## What you are asked to do
Scan the listing below for "IfcOpeningElement", then report every line that has it.

## Data shown
*** Begin section ***

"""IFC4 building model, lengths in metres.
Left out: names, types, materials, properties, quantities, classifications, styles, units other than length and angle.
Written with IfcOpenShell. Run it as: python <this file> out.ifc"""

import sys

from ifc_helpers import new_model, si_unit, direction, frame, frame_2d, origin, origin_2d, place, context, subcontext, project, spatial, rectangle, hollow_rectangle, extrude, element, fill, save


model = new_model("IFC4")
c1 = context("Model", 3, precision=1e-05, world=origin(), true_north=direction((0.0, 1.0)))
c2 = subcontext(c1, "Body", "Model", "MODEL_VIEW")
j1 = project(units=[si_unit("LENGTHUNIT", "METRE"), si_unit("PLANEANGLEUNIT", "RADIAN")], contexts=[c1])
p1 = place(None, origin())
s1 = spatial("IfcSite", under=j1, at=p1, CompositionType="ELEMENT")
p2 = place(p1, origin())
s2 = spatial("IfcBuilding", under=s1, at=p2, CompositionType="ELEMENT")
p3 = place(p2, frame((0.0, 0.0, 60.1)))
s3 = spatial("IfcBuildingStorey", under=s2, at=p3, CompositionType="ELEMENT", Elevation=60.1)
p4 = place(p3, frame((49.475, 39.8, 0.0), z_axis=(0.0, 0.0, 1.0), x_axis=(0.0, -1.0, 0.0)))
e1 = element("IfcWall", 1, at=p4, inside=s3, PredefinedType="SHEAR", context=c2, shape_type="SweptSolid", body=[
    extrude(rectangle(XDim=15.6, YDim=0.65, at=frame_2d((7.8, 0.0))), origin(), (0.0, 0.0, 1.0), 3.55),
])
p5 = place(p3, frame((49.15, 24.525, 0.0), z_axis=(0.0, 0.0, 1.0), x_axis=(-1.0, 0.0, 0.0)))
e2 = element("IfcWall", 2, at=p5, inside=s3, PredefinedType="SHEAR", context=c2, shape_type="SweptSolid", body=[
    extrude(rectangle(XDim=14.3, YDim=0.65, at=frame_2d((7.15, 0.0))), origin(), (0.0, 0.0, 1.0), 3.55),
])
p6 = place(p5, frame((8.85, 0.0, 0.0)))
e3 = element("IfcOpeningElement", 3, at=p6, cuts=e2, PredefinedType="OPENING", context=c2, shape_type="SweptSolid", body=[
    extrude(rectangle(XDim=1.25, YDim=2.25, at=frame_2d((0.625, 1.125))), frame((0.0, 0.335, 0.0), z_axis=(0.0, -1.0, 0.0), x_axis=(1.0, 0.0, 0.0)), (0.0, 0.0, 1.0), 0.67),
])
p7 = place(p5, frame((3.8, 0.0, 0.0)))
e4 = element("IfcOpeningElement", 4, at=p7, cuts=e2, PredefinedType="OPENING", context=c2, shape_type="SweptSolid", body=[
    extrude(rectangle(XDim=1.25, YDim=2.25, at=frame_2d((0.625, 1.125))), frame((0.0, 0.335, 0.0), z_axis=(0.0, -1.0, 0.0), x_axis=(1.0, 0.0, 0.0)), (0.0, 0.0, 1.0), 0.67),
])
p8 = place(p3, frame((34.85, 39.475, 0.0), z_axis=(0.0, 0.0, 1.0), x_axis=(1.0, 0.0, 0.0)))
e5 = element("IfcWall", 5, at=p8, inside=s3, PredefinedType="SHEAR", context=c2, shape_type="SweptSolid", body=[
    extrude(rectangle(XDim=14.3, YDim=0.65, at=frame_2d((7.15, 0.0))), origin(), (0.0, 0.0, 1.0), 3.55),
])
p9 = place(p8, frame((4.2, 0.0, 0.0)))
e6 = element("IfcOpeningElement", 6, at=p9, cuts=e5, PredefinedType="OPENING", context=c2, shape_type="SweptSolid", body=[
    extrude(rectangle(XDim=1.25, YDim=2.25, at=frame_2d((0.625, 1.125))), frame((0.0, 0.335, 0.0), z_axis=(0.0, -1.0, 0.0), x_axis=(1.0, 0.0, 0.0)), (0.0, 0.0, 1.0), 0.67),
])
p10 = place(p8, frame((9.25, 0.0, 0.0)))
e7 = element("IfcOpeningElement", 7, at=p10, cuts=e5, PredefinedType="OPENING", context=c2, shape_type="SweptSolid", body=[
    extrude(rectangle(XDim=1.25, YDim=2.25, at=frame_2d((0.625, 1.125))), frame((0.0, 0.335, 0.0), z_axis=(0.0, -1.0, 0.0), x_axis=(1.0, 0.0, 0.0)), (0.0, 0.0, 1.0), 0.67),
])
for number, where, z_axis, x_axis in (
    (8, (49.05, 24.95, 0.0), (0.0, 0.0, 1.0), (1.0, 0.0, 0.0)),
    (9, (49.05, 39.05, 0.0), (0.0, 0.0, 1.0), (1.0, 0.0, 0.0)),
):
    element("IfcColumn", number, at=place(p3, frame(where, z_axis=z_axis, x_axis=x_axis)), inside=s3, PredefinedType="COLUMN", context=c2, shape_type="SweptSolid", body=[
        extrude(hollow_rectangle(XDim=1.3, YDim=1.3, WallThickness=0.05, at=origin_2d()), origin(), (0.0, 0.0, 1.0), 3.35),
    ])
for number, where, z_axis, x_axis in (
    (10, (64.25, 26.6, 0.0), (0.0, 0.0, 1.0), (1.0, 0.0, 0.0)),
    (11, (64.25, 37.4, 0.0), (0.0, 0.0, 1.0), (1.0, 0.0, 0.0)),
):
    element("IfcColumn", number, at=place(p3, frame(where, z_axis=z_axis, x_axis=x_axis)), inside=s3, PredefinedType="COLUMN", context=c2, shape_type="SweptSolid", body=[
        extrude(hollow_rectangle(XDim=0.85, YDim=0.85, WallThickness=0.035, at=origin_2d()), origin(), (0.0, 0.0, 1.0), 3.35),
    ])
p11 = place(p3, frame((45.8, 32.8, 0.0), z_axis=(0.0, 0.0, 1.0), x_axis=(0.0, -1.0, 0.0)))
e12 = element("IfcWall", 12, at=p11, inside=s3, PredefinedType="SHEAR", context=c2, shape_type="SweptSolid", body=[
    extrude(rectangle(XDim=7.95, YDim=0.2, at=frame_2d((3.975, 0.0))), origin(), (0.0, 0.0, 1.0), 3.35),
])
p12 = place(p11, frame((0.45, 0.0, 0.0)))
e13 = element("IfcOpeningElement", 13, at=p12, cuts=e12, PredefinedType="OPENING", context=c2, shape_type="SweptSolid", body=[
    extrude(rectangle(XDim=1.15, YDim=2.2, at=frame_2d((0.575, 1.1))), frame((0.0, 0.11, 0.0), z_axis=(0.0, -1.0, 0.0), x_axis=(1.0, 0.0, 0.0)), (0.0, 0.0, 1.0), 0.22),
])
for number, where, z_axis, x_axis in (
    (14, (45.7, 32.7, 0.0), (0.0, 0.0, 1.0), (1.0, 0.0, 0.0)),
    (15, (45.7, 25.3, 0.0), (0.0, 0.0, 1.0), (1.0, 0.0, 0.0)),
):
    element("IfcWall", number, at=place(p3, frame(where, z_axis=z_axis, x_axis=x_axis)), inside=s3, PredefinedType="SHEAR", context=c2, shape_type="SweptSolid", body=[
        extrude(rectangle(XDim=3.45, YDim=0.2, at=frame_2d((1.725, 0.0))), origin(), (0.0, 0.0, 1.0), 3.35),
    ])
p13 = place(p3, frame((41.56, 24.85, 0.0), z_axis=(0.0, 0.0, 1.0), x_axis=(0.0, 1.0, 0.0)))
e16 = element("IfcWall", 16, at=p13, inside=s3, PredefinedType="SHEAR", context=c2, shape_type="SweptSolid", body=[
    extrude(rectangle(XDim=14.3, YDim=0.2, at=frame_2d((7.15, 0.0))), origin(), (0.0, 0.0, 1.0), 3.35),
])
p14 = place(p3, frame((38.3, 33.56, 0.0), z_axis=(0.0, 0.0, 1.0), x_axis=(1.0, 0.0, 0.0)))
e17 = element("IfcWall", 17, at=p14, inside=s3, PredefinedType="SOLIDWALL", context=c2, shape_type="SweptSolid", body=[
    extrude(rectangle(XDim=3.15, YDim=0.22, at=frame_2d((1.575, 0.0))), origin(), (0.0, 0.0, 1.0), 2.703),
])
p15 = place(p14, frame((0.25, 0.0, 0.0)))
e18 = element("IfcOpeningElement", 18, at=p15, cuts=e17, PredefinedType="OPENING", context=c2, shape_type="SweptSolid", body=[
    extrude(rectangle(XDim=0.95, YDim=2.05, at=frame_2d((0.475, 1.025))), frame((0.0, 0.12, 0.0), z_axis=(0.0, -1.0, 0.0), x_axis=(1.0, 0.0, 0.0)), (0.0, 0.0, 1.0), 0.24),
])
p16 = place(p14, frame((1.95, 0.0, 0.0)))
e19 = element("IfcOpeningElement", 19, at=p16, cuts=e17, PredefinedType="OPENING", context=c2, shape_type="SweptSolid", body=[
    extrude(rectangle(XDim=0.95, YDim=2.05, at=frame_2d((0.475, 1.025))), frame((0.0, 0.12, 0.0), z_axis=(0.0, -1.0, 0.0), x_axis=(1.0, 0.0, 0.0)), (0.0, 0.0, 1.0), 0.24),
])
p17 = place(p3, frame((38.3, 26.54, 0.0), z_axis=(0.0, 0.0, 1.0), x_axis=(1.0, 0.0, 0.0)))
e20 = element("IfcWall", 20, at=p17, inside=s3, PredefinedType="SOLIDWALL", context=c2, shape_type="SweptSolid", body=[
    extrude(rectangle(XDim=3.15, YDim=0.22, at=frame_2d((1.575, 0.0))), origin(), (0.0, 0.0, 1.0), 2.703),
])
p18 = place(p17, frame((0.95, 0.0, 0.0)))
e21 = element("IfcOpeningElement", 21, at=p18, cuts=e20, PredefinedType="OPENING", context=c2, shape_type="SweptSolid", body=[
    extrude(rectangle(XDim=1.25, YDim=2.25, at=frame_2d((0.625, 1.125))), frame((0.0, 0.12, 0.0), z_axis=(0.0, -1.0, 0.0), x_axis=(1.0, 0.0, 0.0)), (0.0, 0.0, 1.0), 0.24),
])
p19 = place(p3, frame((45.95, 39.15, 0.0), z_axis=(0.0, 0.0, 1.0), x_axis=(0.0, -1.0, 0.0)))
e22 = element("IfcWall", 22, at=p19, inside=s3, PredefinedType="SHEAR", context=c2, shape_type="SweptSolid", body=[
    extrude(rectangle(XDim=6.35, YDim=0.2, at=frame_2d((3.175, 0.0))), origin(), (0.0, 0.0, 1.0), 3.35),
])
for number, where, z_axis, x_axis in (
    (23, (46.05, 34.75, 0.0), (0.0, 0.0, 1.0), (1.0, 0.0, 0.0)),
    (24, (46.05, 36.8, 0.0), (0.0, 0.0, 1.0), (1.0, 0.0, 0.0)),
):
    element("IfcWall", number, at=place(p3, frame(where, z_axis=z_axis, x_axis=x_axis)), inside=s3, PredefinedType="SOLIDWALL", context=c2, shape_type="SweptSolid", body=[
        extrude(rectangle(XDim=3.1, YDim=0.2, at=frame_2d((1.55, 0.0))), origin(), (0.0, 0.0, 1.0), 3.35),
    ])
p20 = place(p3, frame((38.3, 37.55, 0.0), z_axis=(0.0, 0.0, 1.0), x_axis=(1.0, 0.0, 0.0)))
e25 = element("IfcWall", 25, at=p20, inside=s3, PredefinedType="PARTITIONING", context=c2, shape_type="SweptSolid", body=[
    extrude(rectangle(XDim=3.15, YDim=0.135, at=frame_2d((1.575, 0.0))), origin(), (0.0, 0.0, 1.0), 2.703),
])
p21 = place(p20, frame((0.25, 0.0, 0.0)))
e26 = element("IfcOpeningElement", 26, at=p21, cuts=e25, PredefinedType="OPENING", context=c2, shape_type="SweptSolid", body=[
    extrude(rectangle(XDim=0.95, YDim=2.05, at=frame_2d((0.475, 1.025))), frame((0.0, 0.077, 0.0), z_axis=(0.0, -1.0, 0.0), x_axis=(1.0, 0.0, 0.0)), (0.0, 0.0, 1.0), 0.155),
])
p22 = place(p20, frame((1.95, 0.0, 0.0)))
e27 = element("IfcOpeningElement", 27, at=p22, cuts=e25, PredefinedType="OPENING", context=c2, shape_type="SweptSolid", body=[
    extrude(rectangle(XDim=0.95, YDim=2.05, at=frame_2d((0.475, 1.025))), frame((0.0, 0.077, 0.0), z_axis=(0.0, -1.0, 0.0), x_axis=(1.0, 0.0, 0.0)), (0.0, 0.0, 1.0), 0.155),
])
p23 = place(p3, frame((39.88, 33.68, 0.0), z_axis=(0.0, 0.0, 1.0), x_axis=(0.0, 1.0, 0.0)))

*** End section ***

## Answer to this task
e3 = element("IfcOpeningElement", 3, at=p6, cuts=e2, PredefinedType="OPENING", context=c2, shape_type="SweptSolid", body=[
e4 = element("IfcOpeningElement", 4, at=p7, cuts=e2, PredefinedType="OPENING", context=c2, shape_type="SweptSolid", body=[
e6 = element("IfcOpeningElement", 6, at=p9, cuts=e5, PredefinedType="OPENING", context=c2, shape_type="SweptSolid", body=[
e7 = element("IfcOpeningElement", 7, at=p10, cuts=e5, PredefinedType="OPENING", context=c2, shape_type="SweptSolid", body=[
e13 = element("IfcOpeningElement", 13, at=p12, cuts=e12, PredefinedType="OPENING", context=c2, shape_type="SweptSolid", body=[
e18 = element("IfcOpeningElement", 18, at=p15, cuts=e17, PredefinedType="OPENING", context=c2, shape_type="SweptSolid", body=[
e19 = element("IfcOpeningElement", 19, at=p16, cuts=e17, PredefinedType="OPENING", context=c2, shape_type="SweptSolid", body=[
e21 = element("IfcOpeningElement", 21, at=p18, cuts=e20, PredefinedType="OPENING", context=c2, shape_type="SweptSolid", body=[
e26 = element("IfcOpeningElement", 26, at=p21, cuts=e25, PredefinedType="OPENING", context=c2, shape_type="SweptSolid", body=[
e27 = element("IfcOpeningElement", 27, at=p22, cuts=e25, PredefinedType="OPENING", context=c2, shape_type="SweptSolid", body=[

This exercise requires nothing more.